--- Task to carry out ---
Word for word, restate every line from the one with "#2=VERTEX_POINT('',#1);" through the end of the records below, both included, and add nothing.

+++

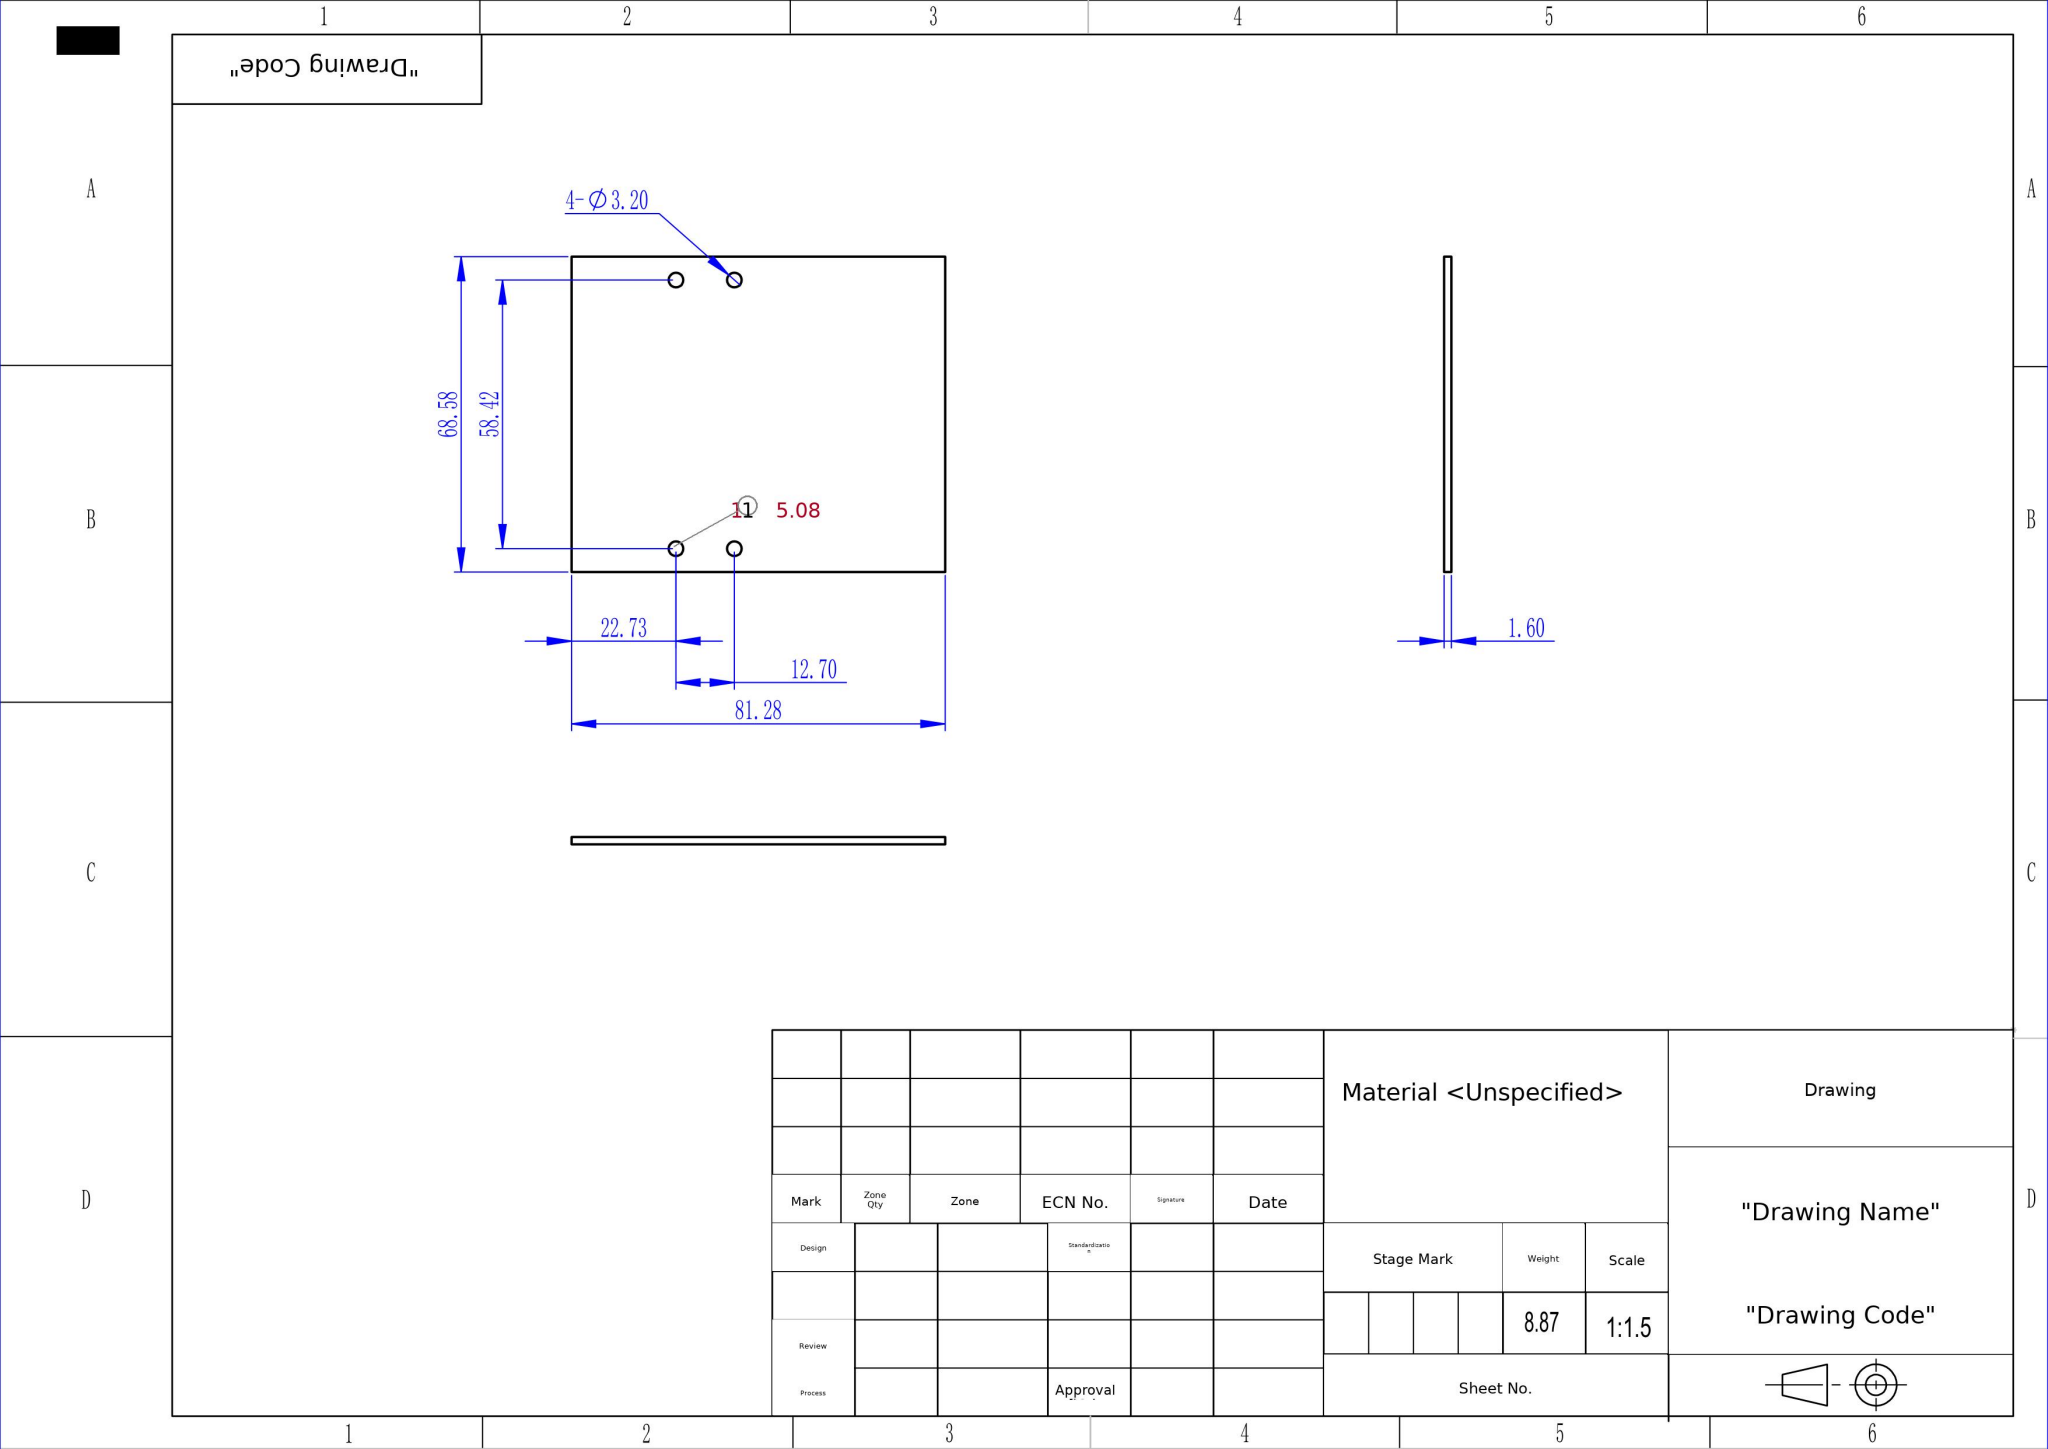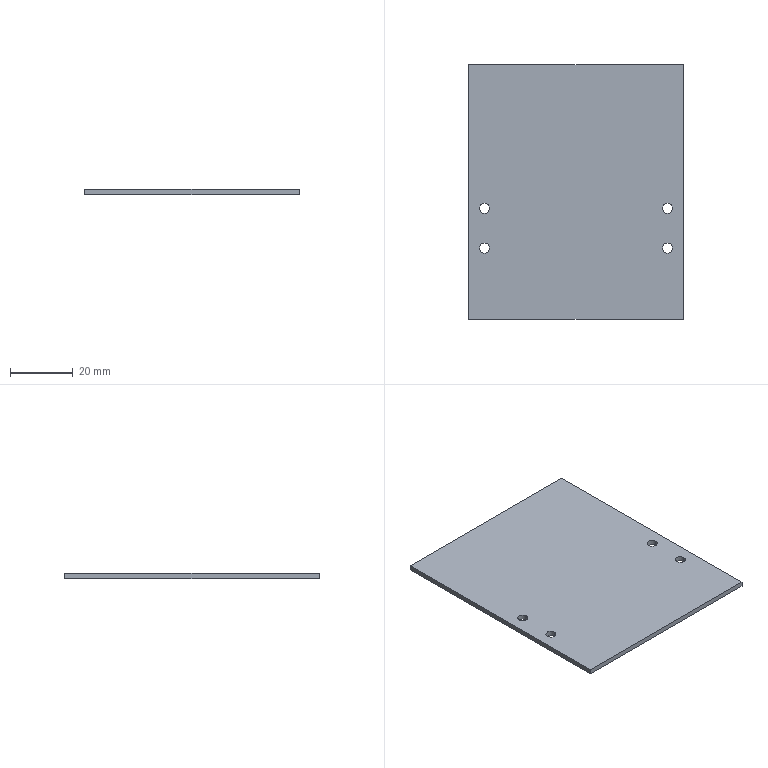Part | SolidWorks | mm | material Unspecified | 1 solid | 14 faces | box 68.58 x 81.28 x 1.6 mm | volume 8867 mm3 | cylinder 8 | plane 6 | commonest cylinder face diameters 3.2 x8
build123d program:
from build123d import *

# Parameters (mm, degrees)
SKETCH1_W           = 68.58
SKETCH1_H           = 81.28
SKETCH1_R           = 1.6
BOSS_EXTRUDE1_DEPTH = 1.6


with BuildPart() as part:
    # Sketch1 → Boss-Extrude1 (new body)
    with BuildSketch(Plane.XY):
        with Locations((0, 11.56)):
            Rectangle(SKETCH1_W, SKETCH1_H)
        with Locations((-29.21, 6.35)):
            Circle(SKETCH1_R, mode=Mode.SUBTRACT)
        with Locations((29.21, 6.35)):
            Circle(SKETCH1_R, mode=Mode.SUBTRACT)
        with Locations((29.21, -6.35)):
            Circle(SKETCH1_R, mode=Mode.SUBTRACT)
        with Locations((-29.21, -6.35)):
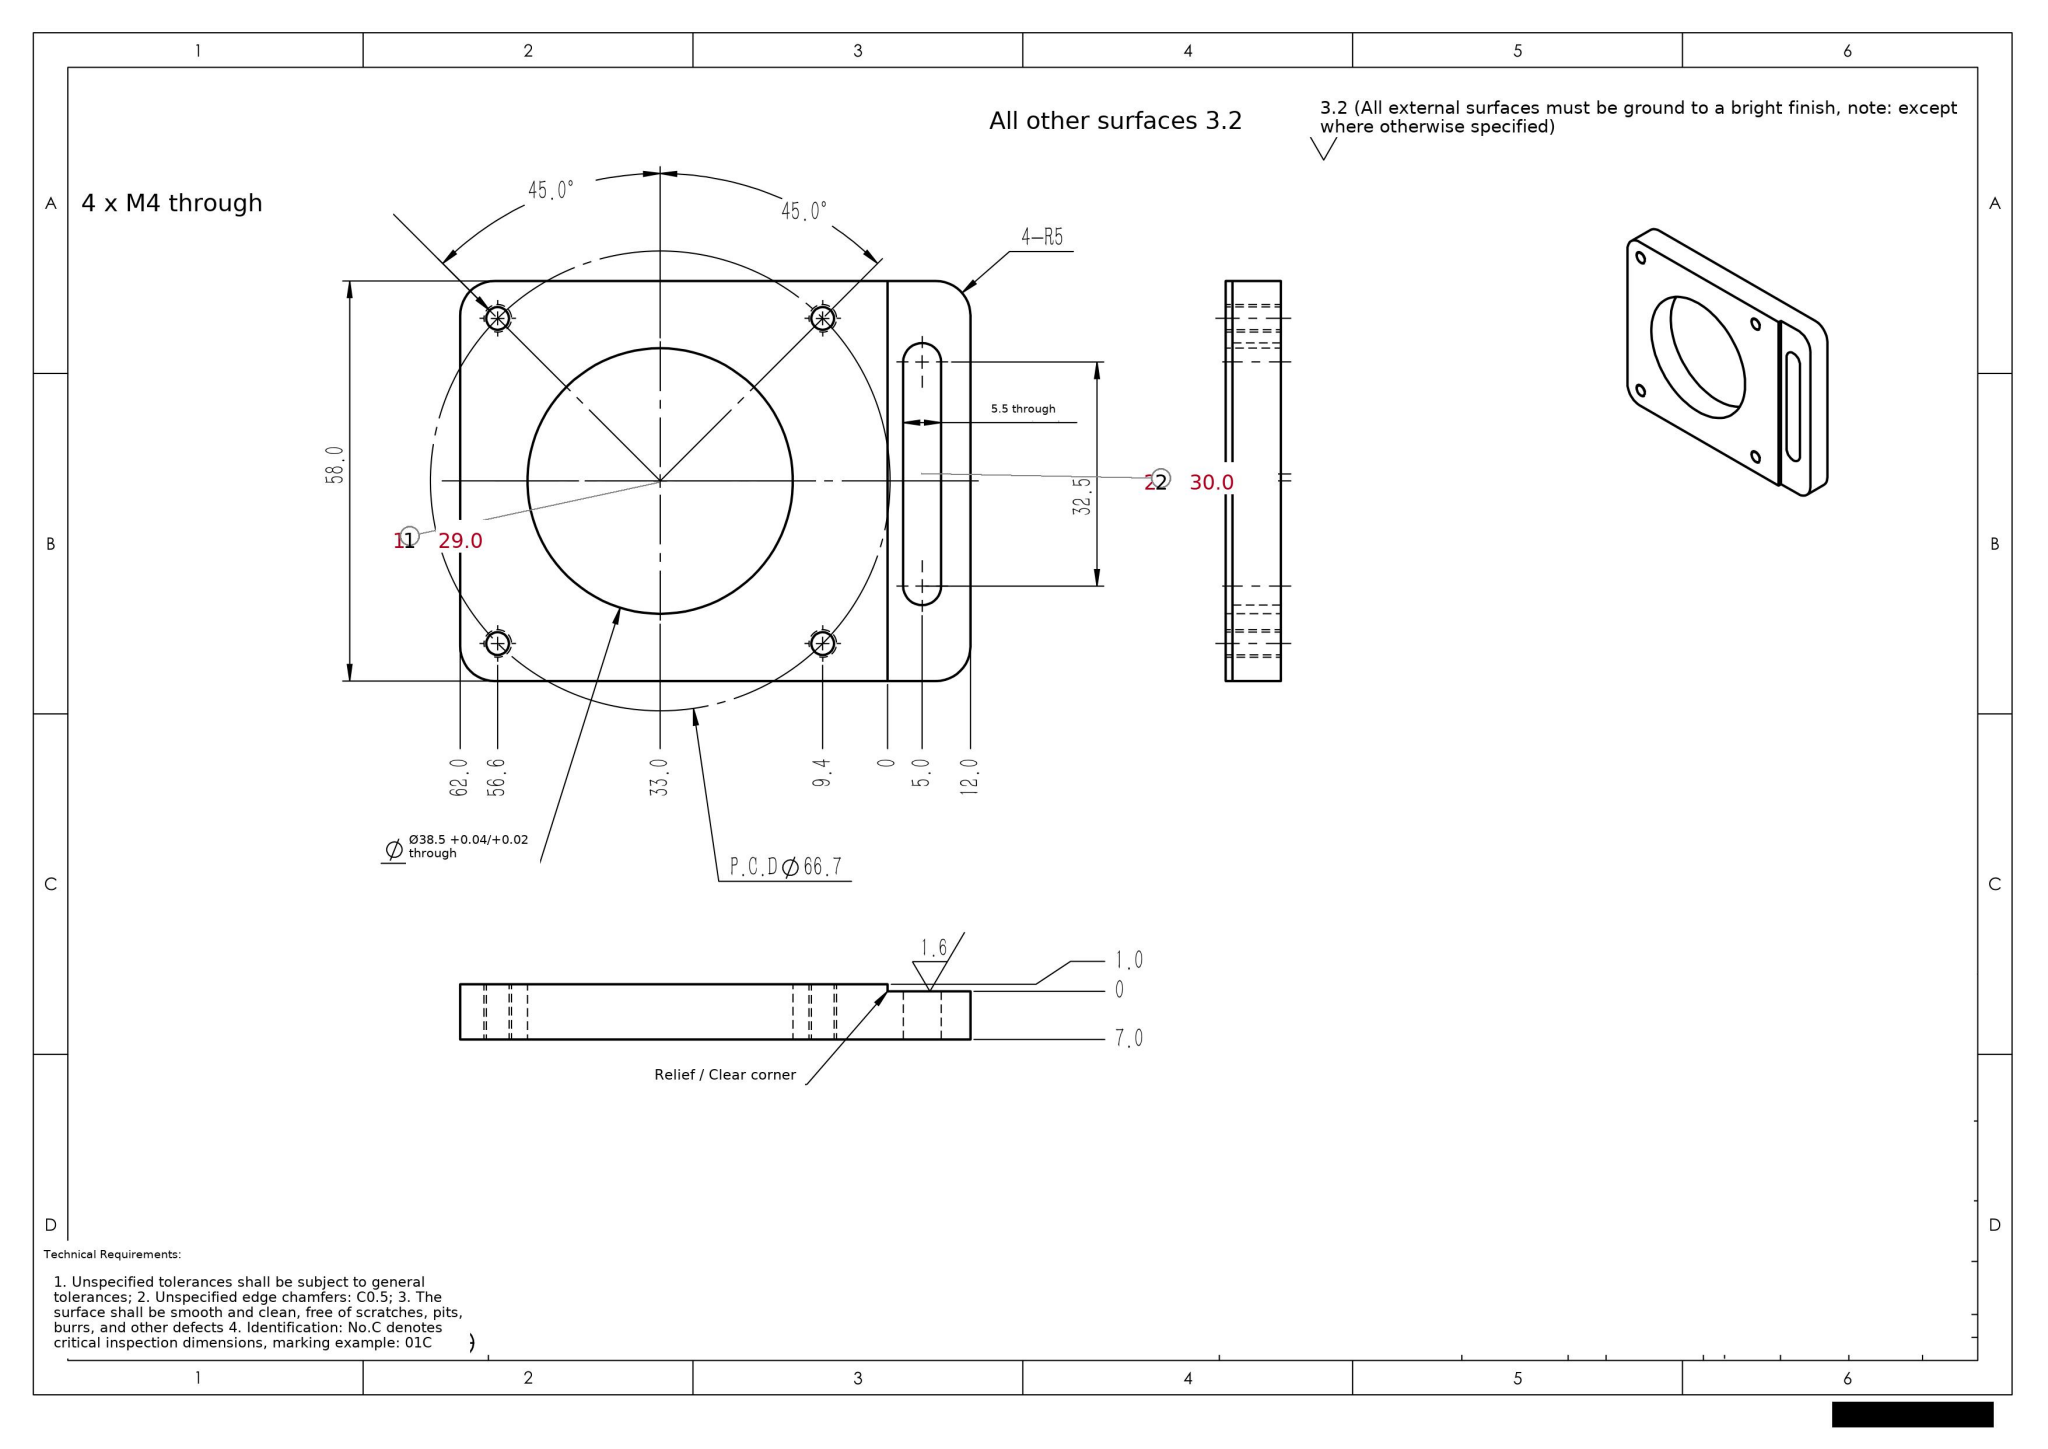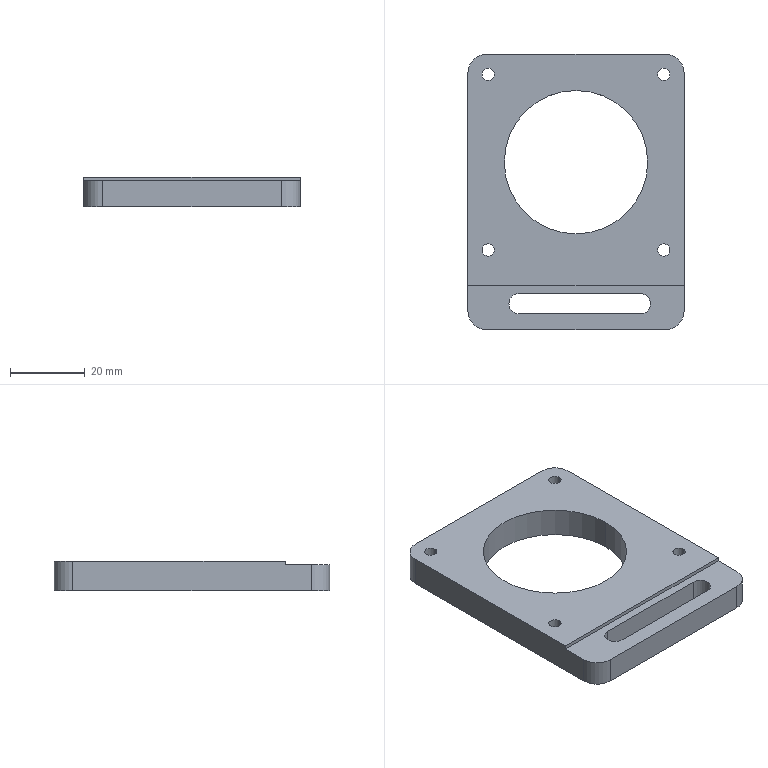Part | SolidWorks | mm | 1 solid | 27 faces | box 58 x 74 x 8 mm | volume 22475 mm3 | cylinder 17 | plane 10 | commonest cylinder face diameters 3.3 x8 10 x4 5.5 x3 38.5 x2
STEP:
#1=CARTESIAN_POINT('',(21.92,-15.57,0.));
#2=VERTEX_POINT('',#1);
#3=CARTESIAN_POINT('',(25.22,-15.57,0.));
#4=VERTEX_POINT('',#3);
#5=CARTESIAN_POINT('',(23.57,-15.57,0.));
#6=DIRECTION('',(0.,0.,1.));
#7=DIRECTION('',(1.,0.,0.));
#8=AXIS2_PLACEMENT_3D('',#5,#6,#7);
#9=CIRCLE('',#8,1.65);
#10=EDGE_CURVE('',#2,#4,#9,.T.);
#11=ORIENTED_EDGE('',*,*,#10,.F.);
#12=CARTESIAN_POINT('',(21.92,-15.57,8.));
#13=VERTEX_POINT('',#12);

+++

--- Solution ---
#2=VERTEX_POINT('',#1);
#3=CARTESIAN_POINT('',(25.22,-15.57,0.));
#4=VERTEX_POINT('',#3);
#5=CARTESIAN_POINT('',(23.57,-15.57,0.));
#6=DIRECTION('',(0.,0.,1.));
#7=DIRECTION('',(1.,0.,0.));
#8=AXIS2_PLACEMENT_3D('',#5,#6,#7);
#9=CIRCLE('',#8,1.65);
#10=EDGE_CURVE('',#2,#4,#9,.T.);
#11=ORIENTED_EDGE('',*,*,#10,.F.);
#12=CARTESIAN_POINT('',(21.92,-15.57,8.));
#13=VERTEX_POINT('',#12);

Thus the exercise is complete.